Below are records; count how many of their lines contain the string "units", and give only that number.

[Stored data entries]

- - -

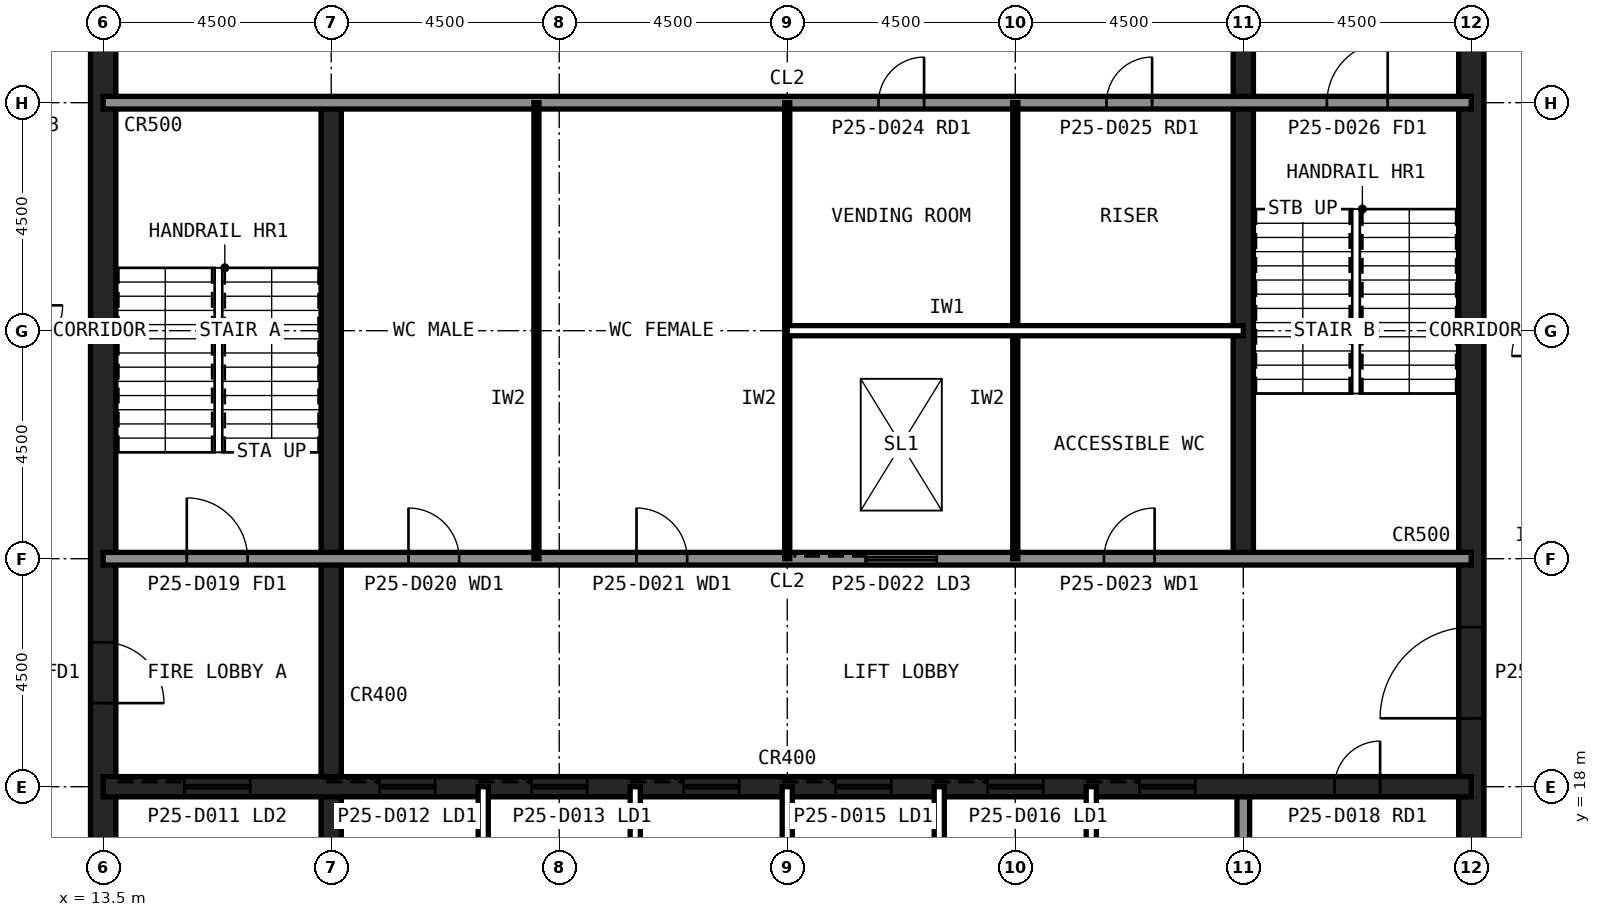
"""IFC4 building model, lengths in metres.
Left out: names, types, materials, properties, quantities, classifications, styles, units other than length and angle.
Written with IfcOpenShell. Run it as: python <this file> out.ifc"""

import sys

from ifc_helpers import new_model, si_unit, direction, frame, frame_2d, origin, place, context, subcontext, project, spatial, rectangle, extrude, element, fill, save


model = new_model("IFC4")
c1 = context("Model", 3, precision=1e-05, world=origin(), true_north=direction((0.0, 1.0)))
c2 = subcontext(c1, "Body", "Model", "MODEL_VIEW")
j1 = project(units=[si_unit("LENGTHUNIT", "METRE"), si_unit("PLANEANGLEUNIT", "RADIAN")], contexts=[c1])
p1 = place(None, origin())
s1 = spatial("IfcSite", under=j1, at=p1, CompositionType="ELEMENT")
p2 = place(p1, origin())
s2 = spatial("IfcBuilding", under=s1, at=p2, CompositionType="ELEMENT")
p3 = place(p2, frame((0.0, 0.0, 110.6)))
s3 = spatial("IfcBuildingStorey", under=s2, at=p3, CompositionType="ELEMENT", Elevation=110.6)
p4 = place(p3, frame((40.5, 13.5, 0.0), z_axis=(0.0, 0.0, 1.0), x_axis=(0.0, 1.0, 0.0)))
e1 = element("IfcWall", 1, at=p4, inside=s3, PredefinedType="SHEAR", context=c2, shape_type="SweptSolid", body=[
    extrude(rectangle(XDim=27.0, YDim=0.5, at=frame_2d((13.5, 0.0))), origin(), (0.0, 0.0, 1.0), 5.0),
])
p5 = place(p4, frame((5.85, 0.0, 0.0)))
e2 = element("IfcOpeningElement", 2, at=p5, cuts=e1, PredefinedType="OPENING", context=c2, shape_type="SweptSolid", body=[
    extrude(rectangle(XDim=1.8, YDim=2.1, at=frame_2d((0.9, 1.05))), frame((0.0, 0.26, 0.0), z_axis=(0.0, -1.0, 0.0), x_axis=(1.0, 0.0, 0.0)), (0.0, 0.0, 1.0), 0.52),
])
p6 = place(p4, frame((19.65, 0.0, 0.0)))
e3 = element("IfcOpeningElement", 3, at=p6, cuts=e1, PredefinedType="OPENING", context=c2, shape_type="SweptSolid", body=[
    extrude(rectangle(XDim=1.2, YDim=2.1, at=frame_2d((0.6, 1.05))), frame((0.0, 0.26, 0.0), z_axis=(0.0, -1.0, 0.0), x_axis=(1.0, 0.0, 0.0)), (0.0, 0.0, 1.0), 0.52),
])
p7 = place(p3, frame((13.5, 40.5, 0.0), z_axis=(0.0, 0.0, 1.0), x_axis=(0.0, -1.0, 0.0)))
e4 = element("IfcWall", 4, at=p7, inside=s3, PredefinedType="SHEAR", context=c2, shape_type="SweptSolid", body=[
    extrude(rectangle(XDim=27.0, YDim=0.5, at=frame_2d((13.5, 0.0))), origin(), (0.0, 0.0, 1.0), 5.0),
])
p8 = place(p7, frame((19.65, 0.0, 0.0)))
e5 = element("IfcOpeningElement", 5, at=p8, cuts=e4, PredefinedType="OPENING", context=c2, shape_type="SweptSolid", body=[
    extrude(rectangle(XDim=1.2, YDim=2.1, at=frame_2d((0.6, 1.05))), frame((0.0, 0.26, 0.0), z_axis=(0.0, -1.0, 0.0), x_axis=(1.0, 0.0, 0.0)), (0.0, 0.0, 1.0), 0.52),
])
p9 = place(p7, frame((5.85, 0.0, 0.0)))
e6 = element("IfcOpeningElement", 6, at=p9, cuts=e4, PredefinedType="OPENING", context=c2, shape_type="SweptSolid", body=[
    extrude(rectangle(XDim=1.8, YDim=2.1, at=frame_2d((0.9, 1.05))), frame((0.0, 0.26, 0.0), z_axis=(0.0, -1.0, 0.0), x_axis=(1.0, 0.0, 0.0)), (0.0, 0.0, 1.0), 0.52),
])
p10 = place(p3, frame((18.0, 13.5, 0.0), z_axis=(0.0, 0.0, 1.0), x_axis=(0.0, 1.0, 0.0)))
e7 = element("IfcWall", 7, at=p10, inside=s3, PredefinedType="SHEAR", context=c2, shape_type="SweptSolid", body=[
    extrude(rectangle(XDim=18.0, YDim=0.4, at=frame_2d((9.0, 0.0))), origin(), (0.0, 0.0, 1.0), 5.0),
])
p11 = place(p3, frame((36.0, 13.5, 0.0), z_axis=(0.0, 0.0, 1.0), x_axis=(0.0, 1.0, 0.0)))
e8 = element("IfcWall", 8, at=p11, inside=s3, PredefinedType="SOLIDWALL", context=c2, shape_type="SweptSolid", body=[
    extrude(rectangle(XDim=4.5, YDim=0.25, at=frame_2d((2.25, 0.0))), origin(), (0.0, 0.0, 1.0), 4.84),
])
p12 = place(p3, frame((36.0, 22.5, 0.0), z_axis=(0.0, 0.0, 1.0), x_axis=(0.0, 1.0, 0.0)))
e9 = element("IfcWall", 9, at=p12, inside=s3, PredefinedType="SHEAR", context=c2, shape_type="SweptSolid", body=[
    extrude(rectangle(XDim=18.0, YDim=0.4, at=frame_2d((9.0, 0.0))), origin(), (0.0, 0.0, 1.0), 5.0),
])
p13 = place(p3, frame((13.5, 18.0, 0.0), z_axis=(0.0, 0.0, 1.0), x_axis=(1.0, 0.0, 0.0)))
e10 = element("IfcWall", 10, at=p13, inside=s3, PredefinedType="SHEAR", context=c2, shape_type="SweptSolid", body=[
    extrude(rectangle(XDim=27.0, YDim=0.4, at=frame_2d((13.5, 0.0))), origin(), (0.0, 0.0, 1.0), 5.0),
])
p14 = place(p13, frame((24.3, 0.0, 0.0)))
e11 = element("IfcOpeningElement", 11, at=p14, cuts=e10, PredefinedType="OPENING", context=c2, shape_type="SweptSolid", body=[
    extrude(rectangle(XDim=0.9, YDim=2.1, at=frame_2d((0.45, 1.05))), frame((0.0, 0.21, 0.0), z_axis=(0.0, -1.0, 0.0), x_axis=(1.0, 0.0, 0.0)), (0.0, 0.0, 1.0), 0.42),
])
p15 = place(p13, frame((5.45, 0.0, 0.0)))
e12 = element("IfcOpeningElement", 12, at=p15, cuts=e10, PredefinedType="OPENING", context=c2, shape_type="SweptSolid", body=[
    extrude(rectangle(XDim=1.1, YDim=2.1, at=frame_2d((0.55, 1.05))), frame((0.0, 0.21, 0.0), z_axis=(0.0, -1.0, 0.0), x_axis=(1.0, 0.0, 0.0)), (0.0, 0.0, 1.0), 0.42),
])
p16 = place(p13, frame((8.45, 0.0, 0.0)))
e13 = element("IfcOpeningElement", 13, at=p16, cuts=e10, PredefinedType="OPENING", context=c2, shape_type="SweptSolid", body=[
    extrude(rectangle(XDim=1.1, YDim=2.1, at=frame_2d((0.55, 1.05))), frame((0.0, 0.21, 0.0), z_axis=(0.0, -1.0, 0.0), x_axis=(1.0, 0.0, 0.0)), (0.0, 0.0, 1.0), 0.42),
])
p17 = place(p13, frame((11.45, 0.0, 0.0)))
e14 = element("IfcOpeningElement", 14, at=p17, cuts=e10, PredefinedType="OPENING", context=c2, shape_type="SweptSolid", body=[
    extrude(rectangle(XDim=1.1, YDim=2.1, at=frame_2d((0.55, 1.05))), frame((0.0, 0.21, 0.0), z_axis=(0.0, -1.0, 0.0), x_axis=(1.0, 0.0, 0.0)), (0.0, 0.0, 1.0), 0.42),
])
p18 = place(p13, frame((14.45, 0.0, 0.0)))
e15 = element("IfcOpeningElement", 15, at=p18, cuts=e10, PredefinedType="OPENING", context=c2, shape_type="SweptSolid", body=[
    extrude(rectangle(XDim=1.1, YDim=2.1, at=frame_2d((0.55, 1.05))), frame((0.0, 0.21, 0.0), z_axis=(0.0, -1.0, 0.0), x_axis=(1.0, 0.0, 0.0)), (0.0, 0.0, 1.0), 0.42),
])
p19 = place(p13, frame((17.45, 0.0, 0.0)))
e16 = element("IfcOpeningElement", 16, at=p19, cuts=e10, PredefinedType="OPENING", context=c2, shape_type="SweptSolid", body=[
    extrude(rectangle(XDim=1.1, YDim=2.1, at=frame_2d((0.55, 1.05))), frame((0.0, 0.21, 0.0), z_axis=(0.0, -1.0, 0.0), x_axis=(1.0, 0.0, 0.0)), (0.0, 0.0, 1.0), 0.42),
])
p20 = place(p13, frame((20.45, 0.0, 0.0)))
e17 = element("IfcOpeningElement", 17, at=p20, cuts=e10, PredefinedType="OPENING", context=c2, shape_type="SweptSolid", body=[
    extrude(rectangle(XDim=1.1, YDim=2.1, at=frame_2d((0.55, 1.05))), frame((0.0, 0.21, 0.0), z_axis=(0.0, -1.0, 0.0), x_axis=(1.0, 0.0, 0.0)), (0.0, 0.0, 1.0), 0.42),
])
p21 = place(p13, frame((1.6, 0.0, 0.0)))
e18 = element("IfcOpeningElement", 18, at=p21, cuts=e10, PredefinedType="OPENING", context=c2, shape_type="SweptSolid", body=[
    extrude(rectangle(XDim=1.3, YDim=2.2, at=frame_2d((0.65, 1.1))), frame((0.0, 0.21, 0.0), z_axis=(0.0, -1.0, 0.0), x_axis=(1.0, 0.0, 0.0)), (0.0, 0.0, 1.0), 0.42),
])
p22 = place(p3, frame((13.5, 22.5, 0.0), z_axis=(0.0, 0.0, 1.0), x_axis=(1.0, 0.0, 0.0)))
e19 = element("IfcWall", 19, at=p22, inside=s3, PredefinedType="SOLIDWALL", context=c2, shape_type="SweptSolid", body=[
    extrude(rectangle(XDim=27.0, YDim=0.25, at=frame_2d((13.5, 0.0))), origin(), (0.0, 0.0, 1.0), 4.84),
])
p23 = place(p22, frame((1.65, 0.0, 0.0)))
e20 = element("IfcOpeningElement", 20, at=p23, cuts=e19, PredefinedType="OPENING", context=c2, shape_type="SweptSolid", body=[
    extrude(rectangle(XDim=1.2, YDim=2.1, at=frame_2d((0.6, 1.05))), frame((0.0, 0.135, 0.0), z_axis=(0.0, -1.0, 0.0), x_axis=(1.0, 0.0, 0.0)), (0.0, 0.0, 1.0), 0.27),
])
p24 = place(p22, frame((6.025, 0.0, 0.0)))
e21 = element("IfcOpeningElement", 21, at=p24, cuts=e19, PredefinedType="OPENING", context=c2, shape_type="SweptSolid", body=[
    extrude(rectangle(XDim=1.0, YDim=2.1, at=frame_2d((0.5, 1.05))), frame((0.0, 0.135, 0.0), z_axis=(0.0, -1.0, 0.0), x_axis=(1.0, 0.0, 0.0)), (0.0, 0.0, 1.0), 0.27),
])
p25 = place(p22, frame((10.525, 0.0, 0.0)))
e22 = element("IfcOpeningElement", 22, at=p25, cuts=e19, PredefinedType="OPENING", context=c2, shape_type="SweptSolid", body=[
    extrude(rectangle(XDim=1.0, YDim=2.1, at=frame_2d((0.5, 1.05))), frame((0.0, 0.135, 0.0), z_axis=(0.0, -1.0, 0.0), x_axis=(1.0, 0.0, 0.0)), (0.0, 0.0, 1.0), 0.27),
])
p26 = place(p22, frame((19.75, 0.0, 0.0)))
e23 = element("IfcOpeningElement", 23, at=p26, cuts=e19, PredefinedType="OPENING", context=c2, shape_type="SweptSolid", body=[
    extrude(rectangle(XDim=1.0, YDim=2.1, at=frame_2d((0.5, 1.05))), frame((0.0, 0.135, 0.0), z_axis=(0.0, -1.0, 0.0), x_axis=(1.0, 0.0, 0.0)), (0.0, 0.0, 1.0), 0.27),
])
p27 = place(p22, frame((15.05, 0.0, 0.0)))
e24 = element("IfcOpeningElement", 24, at=p27, cuts=e19, PredefinedType="OPENING", context=c2, shape_type="SweptSolid", body=[
    extrude(rectangle(XDim=1.4, YDim=2.4, at=frame_2d((0.7, 1.2))), frame((0.0, 0.135, 0.0), z_axis=(0.0, -1.0, 0.0), x_axis=(1.0, 0.0, 0.0)), (0.0, 0.0, 1.0), 0.27),
])
p28 = place(p3, frame((13.5, 31.5, 0.0), z_axis=(0.0, 0.0, 1.0), x_axis=(1.0, 0.0, 0.0)))
e25 = element("IfcWall", 25, at=p28, inside=s3, PredefinedType="SOLIDWALL", context=c2, shape_type="SweptSolid", body=[
    extrude(rectangle(XDim=27.0, YDim=0.25, at=frame_2d((13.5, 0.0))), origin(), (0.0, 0.0, 1.0), 4.84),
])
p29 = place(p28, frame((24.15, 0.0, 0.0)))
e26 = element("IfcOpeningElement", 26, at=p29, cuts=e25, PredefinedType="OPENING", context=c2, shape_type="SweptSolid", body=[
    extrude(rectangle(XDim=1.2, YDim=2.1, at=frame_2d((0.6, 1.05))), frame((0.0, 0.135, 0.0), z_axis=(0.0, -1.0, 0.0), x_axis=(1.0, 0.0, 0.0)), (0.0, 0.0, 1.0), 0.27),
])
p30 = place(p28, frame((15.3, 0.0, 0.0)))
e27 = element("IfcOpeningElement", 27, at=p30, cuts=e25, PredefinedType="OPENING", context=c2, shape_type="SweptSolid", body=[
    extrude(rectangle(XDim=0.9, YDim=2.1, at=frame_2d((0.45, 1.05))), frame((0.0, 0.135, 0.0), z_axis=(0.0, -1.0, 0.0), x_axis=(1.0, 0.0, 0.0)), (0.0, 0.0, 1.0), 0.27),
])
p31 = place(p28, frame((19.8, 0.0, 0.0)))
e28 = element("IfcOpeningElement", 28, at=p31, cuts=e25, PredefinedType="OPENING", context=c2, shape_type="SweptSolid", body=[
    extrude(rectangle(XDim=0.9, YDim=2.1, at=frame_2d((0.45, 1.05))), frame((0.0, 0.135, 0.0), z_axis=(0.0, -1.0, 0.0), x_axis=(1.0, 0.0, 0.0)), (0.0, 0.0, 1.0), 0.27),
])
for number, where, z_axis, x_axis in (
    (29, (21.0, 13.5, 0.0), (0.0, 0.0, 1.0), (0.0, 1.0, 0.0)),
    (30, (24.0, 13.5, 0.0), (0.0, 0.0, 1.0), (0.0, 1.0, 0.0)),
    (31, (27.0, 13.5, 0.0), (0.0, 0.0, 1.0), (0.0, 1.0, 0.0)),
    (32, (30.0, 13.5, 0.0), (0.0, 0.0, 1.0), (0.0, 1.0, 0.0)),
    (33, (33.0, 13.5, 0.0), (0.0, 0.0, 1.0), (0.0, 1.0, 0.0)),
):
    element("IfcWall", number, at=place(p3, frame(where, z_axis=z_axis, x_axis=x_axis)), inside=s3, PredefinedType="PARTITIONING", context=c2, shape_type="SweptSolid", body=[
        extrude(rectangle(XDim=4.5, YDim=0.2, at=frame_2d((2.25, 0.0))), origin(), (0.0, 0.0, 1.0), 4.84),
    ])
for number, where, z_axis, x_axis in (
    (34, (22.05, 22.5, 0.0), (0.0, 0.0, 1.0), (0.0, 1.0, 0.0)),
    (35, (27.0, 22.5, 0.0), (0.0, 0.0, 1.0), (0.0, 1.0, 0.0)),
    (36, (31.5, 22.5, 0.0), (0.0, 0.0, 1.0), (0.0, 1.0, 0.0)),
):
    element("IfcWall", number, at=place(p3, frame(where, z_axis=z_axis, x_axis=x_axis)), inside=s3, PredefinedType="PLUMBINGWALL", context=c2, shape_type="SweptSolid", body=[
        extrude(rectangle(XDim=9.0, YDim=0.1, at=frame_2d((4.5, 0.0))), origin(), (0.0, 0.0, 1.0), 4.84),
    ])
p32 = place(p3, frame((27.0, 27.0, 0.0), z_axis=(0.0, 0.0, 1.0), x_axis=(1.0, 0.0, 0.0)))
e37 = element("IfcWall", 37, at=p32, inside=s3, PredefinedType="PARTITIONING", context=c2, shape_type="SweptSolid", body=[
    extrude(rectangle(XDim=9.0, YDim=0.2, at=frame_2d((4.5, 0.0))), origin(), (0.0, 0.0, 1.0), 4.84),
])
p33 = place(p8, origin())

- - -

_Output of the exercise:_ 2